━━ Listed entries

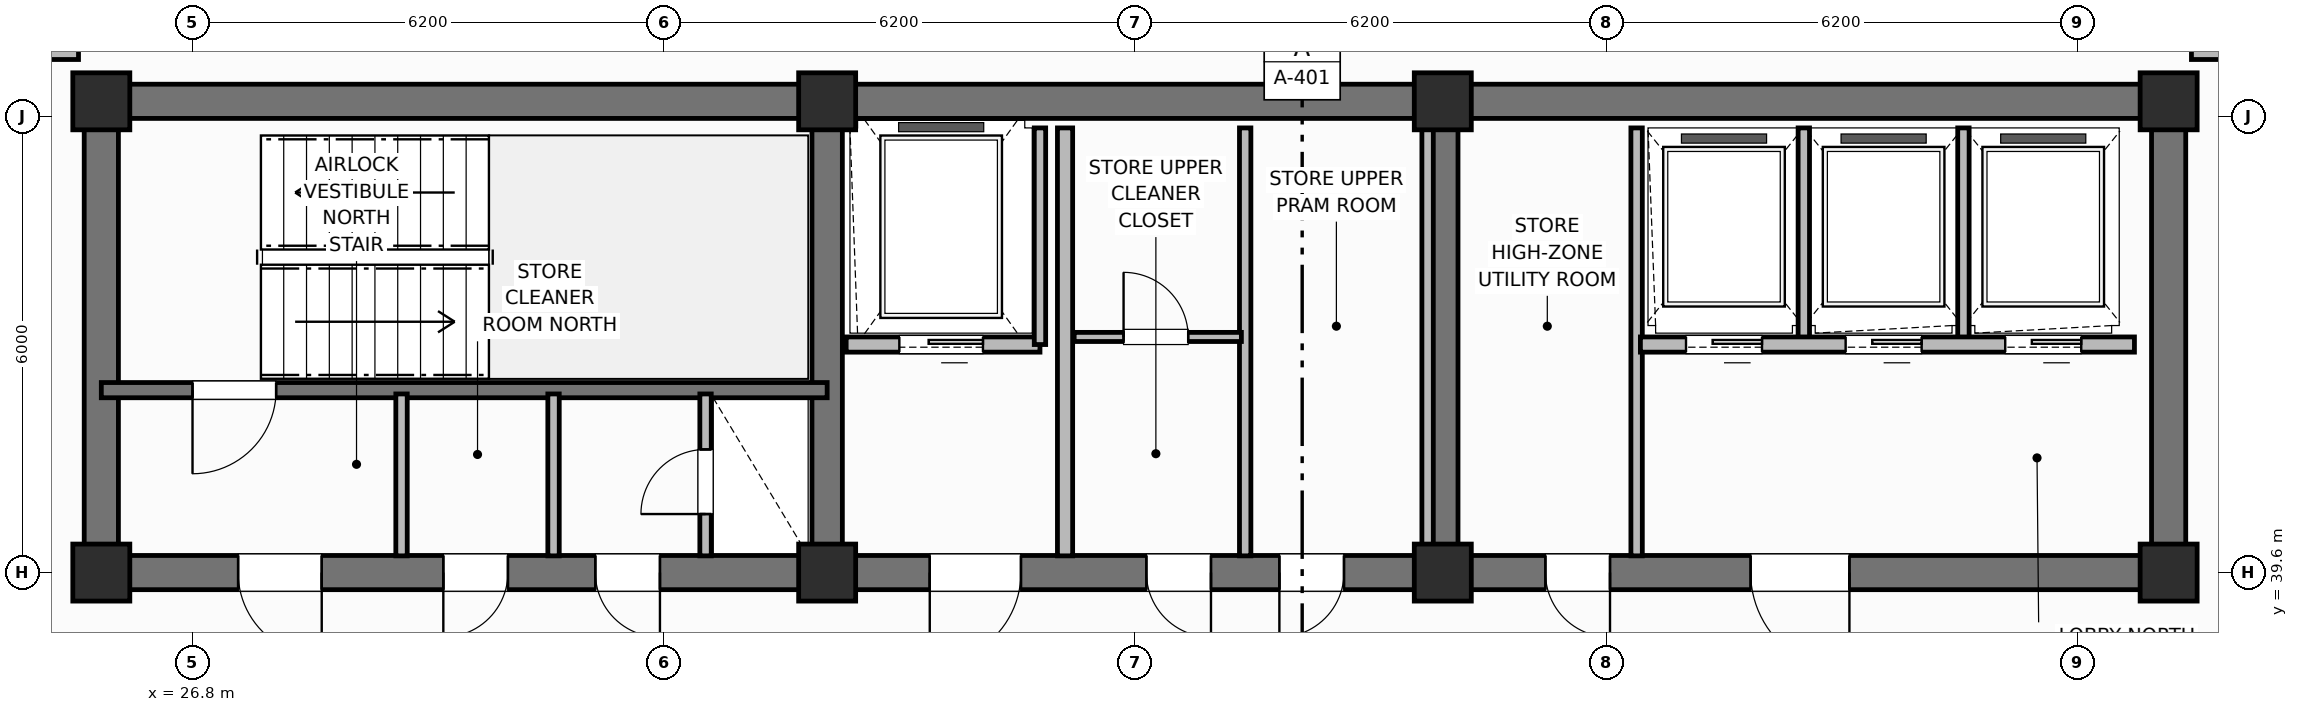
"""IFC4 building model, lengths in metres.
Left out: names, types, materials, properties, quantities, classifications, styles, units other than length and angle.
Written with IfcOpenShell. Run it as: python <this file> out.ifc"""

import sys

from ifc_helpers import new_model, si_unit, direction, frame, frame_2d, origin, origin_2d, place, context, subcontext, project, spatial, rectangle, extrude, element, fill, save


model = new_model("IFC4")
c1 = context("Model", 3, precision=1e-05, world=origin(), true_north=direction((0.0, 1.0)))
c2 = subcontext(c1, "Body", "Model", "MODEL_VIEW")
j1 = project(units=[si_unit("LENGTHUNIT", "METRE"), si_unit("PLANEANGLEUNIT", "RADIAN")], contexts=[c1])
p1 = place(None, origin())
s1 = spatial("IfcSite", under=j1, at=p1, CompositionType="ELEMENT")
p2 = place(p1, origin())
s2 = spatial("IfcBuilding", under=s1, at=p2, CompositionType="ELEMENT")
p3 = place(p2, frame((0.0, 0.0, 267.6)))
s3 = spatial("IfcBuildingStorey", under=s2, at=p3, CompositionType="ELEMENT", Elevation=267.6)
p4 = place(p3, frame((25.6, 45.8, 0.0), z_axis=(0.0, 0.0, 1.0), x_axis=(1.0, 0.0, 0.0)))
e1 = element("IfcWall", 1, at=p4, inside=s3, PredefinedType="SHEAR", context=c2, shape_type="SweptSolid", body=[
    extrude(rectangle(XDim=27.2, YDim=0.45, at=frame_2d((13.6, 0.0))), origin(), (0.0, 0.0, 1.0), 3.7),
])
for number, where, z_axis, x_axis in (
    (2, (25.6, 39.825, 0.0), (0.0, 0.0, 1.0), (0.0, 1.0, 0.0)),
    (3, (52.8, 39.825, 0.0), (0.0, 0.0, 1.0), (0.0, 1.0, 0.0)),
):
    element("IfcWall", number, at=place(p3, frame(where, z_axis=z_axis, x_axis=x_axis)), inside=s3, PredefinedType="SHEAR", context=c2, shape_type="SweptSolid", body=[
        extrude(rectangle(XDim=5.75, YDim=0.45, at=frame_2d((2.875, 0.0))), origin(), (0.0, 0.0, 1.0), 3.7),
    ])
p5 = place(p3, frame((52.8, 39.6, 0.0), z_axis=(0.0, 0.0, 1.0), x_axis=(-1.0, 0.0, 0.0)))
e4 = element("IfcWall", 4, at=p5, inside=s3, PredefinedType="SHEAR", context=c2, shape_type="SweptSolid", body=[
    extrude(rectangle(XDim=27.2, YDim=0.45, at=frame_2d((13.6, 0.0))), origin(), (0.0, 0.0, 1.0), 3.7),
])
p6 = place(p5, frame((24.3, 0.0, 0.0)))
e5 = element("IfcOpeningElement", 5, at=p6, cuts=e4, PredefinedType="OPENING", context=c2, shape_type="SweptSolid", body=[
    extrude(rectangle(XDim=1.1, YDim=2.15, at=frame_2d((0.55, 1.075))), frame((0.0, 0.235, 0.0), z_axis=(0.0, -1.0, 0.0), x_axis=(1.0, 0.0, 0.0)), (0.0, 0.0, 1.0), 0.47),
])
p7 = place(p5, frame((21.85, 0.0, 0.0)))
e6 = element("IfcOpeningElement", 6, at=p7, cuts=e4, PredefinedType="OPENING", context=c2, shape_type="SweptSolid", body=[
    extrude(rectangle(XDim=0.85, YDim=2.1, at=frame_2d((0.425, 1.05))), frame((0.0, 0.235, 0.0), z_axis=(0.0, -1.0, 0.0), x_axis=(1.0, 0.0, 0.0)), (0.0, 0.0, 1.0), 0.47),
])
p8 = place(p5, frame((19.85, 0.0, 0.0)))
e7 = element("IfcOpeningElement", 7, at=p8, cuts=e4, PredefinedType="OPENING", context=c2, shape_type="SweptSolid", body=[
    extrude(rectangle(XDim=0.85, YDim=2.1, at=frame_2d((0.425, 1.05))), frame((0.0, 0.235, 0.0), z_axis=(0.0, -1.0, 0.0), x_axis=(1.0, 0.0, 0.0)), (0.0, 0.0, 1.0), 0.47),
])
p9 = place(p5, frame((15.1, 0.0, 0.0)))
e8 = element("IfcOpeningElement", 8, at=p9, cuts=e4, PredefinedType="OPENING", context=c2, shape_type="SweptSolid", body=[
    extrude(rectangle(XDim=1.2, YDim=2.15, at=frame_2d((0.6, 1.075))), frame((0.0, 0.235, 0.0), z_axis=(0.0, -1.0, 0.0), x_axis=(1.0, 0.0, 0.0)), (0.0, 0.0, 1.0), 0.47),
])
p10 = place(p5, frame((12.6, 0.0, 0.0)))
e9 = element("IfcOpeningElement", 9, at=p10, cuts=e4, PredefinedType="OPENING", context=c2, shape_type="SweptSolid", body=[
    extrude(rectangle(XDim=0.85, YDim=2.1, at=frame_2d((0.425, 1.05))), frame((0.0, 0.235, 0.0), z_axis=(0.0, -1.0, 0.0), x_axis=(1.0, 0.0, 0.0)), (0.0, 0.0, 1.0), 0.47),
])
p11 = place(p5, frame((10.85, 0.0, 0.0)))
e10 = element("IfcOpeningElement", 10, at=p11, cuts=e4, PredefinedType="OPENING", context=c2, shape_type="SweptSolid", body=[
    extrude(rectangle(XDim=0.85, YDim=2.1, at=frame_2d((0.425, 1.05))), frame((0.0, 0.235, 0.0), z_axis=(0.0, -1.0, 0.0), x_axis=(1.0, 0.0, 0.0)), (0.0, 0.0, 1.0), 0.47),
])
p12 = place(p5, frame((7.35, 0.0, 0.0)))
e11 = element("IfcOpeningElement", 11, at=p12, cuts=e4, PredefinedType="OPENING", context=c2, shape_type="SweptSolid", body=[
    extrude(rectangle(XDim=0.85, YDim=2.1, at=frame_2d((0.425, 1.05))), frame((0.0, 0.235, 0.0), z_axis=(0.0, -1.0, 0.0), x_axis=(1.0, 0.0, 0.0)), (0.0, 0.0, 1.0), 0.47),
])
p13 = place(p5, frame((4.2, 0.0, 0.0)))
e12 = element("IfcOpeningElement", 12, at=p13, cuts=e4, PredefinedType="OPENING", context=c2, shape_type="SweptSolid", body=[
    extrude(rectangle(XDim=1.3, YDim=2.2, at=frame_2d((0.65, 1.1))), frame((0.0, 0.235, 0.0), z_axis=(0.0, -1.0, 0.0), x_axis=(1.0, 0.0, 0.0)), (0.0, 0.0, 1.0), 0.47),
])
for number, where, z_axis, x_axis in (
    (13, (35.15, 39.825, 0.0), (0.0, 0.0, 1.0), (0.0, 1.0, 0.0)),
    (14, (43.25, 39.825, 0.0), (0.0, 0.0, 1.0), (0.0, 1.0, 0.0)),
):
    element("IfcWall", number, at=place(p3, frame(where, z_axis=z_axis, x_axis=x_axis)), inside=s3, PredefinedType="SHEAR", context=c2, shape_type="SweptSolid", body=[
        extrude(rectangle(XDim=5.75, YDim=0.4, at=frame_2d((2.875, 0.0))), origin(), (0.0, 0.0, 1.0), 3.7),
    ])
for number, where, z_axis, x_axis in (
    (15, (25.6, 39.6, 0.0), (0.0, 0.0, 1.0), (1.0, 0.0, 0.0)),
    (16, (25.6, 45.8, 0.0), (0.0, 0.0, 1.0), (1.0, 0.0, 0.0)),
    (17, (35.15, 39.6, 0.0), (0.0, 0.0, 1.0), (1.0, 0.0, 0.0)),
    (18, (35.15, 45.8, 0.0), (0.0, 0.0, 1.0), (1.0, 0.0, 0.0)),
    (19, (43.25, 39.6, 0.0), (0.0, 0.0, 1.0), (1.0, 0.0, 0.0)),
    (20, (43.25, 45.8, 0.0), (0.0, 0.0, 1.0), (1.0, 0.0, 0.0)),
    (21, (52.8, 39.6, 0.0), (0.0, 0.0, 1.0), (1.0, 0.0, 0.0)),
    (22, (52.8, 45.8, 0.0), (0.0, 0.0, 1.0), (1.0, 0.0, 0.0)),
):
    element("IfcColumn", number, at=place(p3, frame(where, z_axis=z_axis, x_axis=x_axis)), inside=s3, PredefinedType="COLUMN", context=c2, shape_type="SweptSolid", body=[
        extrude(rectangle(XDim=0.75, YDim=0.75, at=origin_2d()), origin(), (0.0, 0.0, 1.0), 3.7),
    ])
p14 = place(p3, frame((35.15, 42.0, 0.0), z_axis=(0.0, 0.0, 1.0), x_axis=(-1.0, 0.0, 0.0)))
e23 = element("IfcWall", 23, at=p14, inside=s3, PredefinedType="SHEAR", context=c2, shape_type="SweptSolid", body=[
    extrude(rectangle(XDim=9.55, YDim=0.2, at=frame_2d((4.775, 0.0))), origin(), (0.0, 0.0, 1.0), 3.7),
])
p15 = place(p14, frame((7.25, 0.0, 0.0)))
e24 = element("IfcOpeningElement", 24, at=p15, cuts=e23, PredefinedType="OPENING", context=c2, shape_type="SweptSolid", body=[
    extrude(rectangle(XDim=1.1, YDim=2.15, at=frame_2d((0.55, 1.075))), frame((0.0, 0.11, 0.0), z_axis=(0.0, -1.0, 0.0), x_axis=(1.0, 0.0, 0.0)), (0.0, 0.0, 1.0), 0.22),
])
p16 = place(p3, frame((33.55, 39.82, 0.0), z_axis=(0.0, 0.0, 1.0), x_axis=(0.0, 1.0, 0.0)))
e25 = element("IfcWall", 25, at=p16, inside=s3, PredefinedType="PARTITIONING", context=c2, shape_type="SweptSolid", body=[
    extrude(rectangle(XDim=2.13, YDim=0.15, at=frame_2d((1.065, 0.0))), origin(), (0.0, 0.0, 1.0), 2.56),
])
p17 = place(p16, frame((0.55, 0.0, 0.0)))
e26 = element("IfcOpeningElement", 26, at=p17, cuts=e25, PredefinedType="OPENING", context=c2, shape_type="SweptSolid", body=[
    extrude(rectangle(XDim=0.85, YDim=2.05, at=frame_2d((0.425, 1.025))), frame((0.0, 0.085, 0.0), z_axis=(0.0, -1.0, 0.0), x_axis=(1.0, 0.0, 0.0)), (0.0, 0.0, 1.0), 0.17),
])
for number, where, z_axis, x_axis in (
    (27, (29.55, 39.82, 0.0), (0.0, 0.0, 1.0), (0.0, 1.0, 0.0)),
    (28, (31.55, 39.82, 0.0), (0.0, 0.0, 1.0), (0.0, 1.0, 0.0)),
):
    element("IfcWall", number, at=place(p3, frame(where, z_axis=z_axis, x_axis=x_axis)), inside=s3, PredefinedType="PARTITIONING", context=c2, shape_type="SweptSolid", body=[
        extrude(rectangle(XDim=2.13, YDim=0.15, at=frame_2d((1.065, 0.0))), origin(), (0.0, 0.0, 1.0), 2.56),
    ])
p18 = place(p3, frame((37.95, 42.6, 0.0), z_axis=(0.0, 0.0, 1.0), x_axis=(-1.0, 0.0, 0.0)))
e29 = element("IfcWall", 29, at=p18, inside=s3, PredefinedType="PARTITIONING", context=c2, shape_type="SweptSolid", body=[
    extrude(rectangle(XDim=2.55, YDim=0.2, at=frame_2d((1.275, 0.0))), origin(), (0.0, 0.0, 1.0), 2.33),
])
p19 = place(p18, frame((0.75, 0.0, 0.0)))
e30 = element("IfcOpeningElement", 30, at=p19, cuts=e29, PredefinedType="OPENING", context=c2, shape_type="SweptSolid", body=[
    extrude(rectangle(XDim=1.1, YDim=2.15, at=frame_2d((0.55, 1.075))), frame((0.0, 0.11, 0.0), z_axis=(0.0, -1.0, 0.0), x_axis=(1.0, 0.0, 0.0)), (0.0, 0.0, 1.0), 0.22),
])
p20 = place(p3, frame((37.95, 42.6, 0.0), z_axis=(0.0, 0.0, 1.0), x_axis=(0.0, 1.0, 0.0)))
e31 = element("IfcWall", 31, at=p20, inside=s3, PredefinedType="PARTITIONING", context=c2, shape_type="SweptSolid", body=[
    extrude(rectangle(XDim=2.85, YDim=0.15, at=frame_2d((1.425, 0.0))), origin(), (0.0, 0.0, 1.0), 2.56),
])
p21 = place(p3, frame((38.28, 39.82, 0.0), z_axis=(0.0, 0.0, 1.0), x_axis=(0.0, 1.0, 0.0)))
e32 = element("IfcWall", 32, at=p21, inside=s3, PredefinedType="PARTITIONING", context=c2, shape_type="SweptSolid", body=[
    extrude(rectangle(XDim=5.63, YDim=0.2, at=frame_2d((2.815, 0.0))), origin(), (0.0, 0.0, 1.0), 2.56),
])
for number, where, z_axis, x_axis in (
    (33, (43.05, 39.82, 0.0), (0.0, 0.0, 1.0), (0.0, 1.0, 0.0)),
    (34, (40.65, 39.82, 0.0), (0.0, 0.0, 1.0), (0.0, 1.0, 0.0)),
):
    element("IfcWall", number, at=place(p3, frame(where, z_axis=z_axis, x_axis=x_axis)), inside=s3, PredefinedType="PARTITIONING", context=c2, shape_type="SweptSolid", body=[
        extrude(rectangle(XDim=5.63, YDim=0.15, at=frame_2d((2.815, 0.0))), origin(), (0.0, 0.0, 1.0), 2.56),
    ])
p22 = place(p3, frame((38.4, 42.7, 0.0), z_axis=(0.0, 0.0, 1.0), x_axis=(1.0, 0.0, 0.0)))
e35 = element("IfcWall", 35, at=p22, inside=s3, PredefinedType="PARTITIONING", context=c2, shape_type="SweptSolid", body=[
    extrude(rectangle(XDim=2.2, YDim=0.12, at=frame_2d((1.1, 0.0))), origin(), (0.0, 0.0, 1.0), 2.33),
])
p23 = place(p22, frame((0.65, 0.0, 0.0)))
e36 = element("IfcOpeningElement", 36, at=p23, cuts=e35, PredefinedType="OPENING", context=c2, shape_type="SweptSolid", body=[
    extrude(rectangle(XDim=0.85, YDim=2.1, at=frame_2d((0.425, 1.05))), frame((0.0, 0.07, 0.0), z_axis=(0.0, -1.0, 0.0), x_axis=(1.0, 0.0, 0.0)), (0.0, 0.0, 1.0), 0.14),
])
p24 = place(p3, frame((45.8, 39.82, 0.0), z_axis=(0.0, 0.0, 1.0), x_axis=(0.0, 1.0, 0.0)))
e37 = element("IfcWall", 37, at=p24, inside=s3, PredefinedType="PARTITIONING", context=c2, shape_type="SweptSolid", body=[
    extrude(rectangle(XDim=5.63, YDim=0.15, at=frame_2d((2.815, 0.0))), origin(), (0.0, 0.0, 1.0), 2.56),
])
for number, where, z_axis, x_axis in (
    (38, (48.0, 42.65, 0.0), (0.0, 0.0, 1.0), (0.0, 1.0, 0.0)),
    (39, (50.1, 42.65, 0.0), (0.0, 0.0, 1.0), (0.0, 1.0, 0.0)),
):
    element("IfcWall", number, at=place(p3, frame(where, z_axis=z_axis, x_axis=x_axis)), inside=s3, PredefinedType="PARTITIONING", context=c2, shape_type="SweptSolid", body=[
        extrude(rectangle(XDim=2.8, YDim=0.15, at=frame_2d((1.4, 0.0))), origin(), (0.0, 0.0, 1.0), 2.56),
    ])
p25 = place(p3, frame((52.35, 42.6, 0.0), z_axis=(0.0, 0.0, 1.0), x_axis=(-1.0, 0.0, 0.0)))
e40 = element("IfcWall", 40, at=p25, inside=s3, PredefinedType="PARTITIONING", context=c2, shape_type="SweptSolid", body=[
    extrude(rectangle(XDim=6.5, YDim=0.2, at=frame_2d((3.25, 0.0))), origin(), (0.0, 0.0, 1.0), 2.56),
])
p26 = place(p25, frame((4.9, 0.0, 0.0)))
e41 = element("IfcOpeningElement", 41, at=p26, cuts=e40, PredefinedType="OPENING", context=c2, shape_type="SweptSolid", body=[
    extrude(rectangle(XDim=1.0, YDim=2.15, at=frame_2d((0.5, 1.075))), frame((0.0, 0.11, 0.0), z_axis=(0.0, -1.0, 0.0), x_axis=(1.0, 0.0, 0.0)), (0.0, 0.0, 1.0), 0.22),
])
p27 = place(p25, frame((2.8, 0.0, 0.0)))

━━━━

What you should do:
Set down exactly the lines running from the beginning of the entries above to the line that contains "p1 = place(None, origin())", including both, and leave out pictures.

Answer to the exercise:
"""IFC4 building model, lengths in metres.
Left out: names, types, materials, properties, quantities, classifications, styles, units other than length and angle.
Written with IfcOpenShell. Run it as: python <this file> out.ifc"""

import sys

from ifc_helpers import new_model, si_unit, direction, frame, frame_2d, origin, origin_2d, place, context, subcontext, project, spatial, rectangle, extrude, element, fill, save


model = new_model("IFC4")
c1 = context("Model", 3, precision=1e-05, world=origin(), true_north=direction((0.0, 1.0)))
c2 = subcontext(c1, "Body", "Model", "MODEL_VIEW")
j1 = project(units=[si_unit("LENGTHUNIT", "METRE"), si_unit("PLANEANGLEUNIT", "RADIAN")], contexts=[c1])
p1 = place(None, origin())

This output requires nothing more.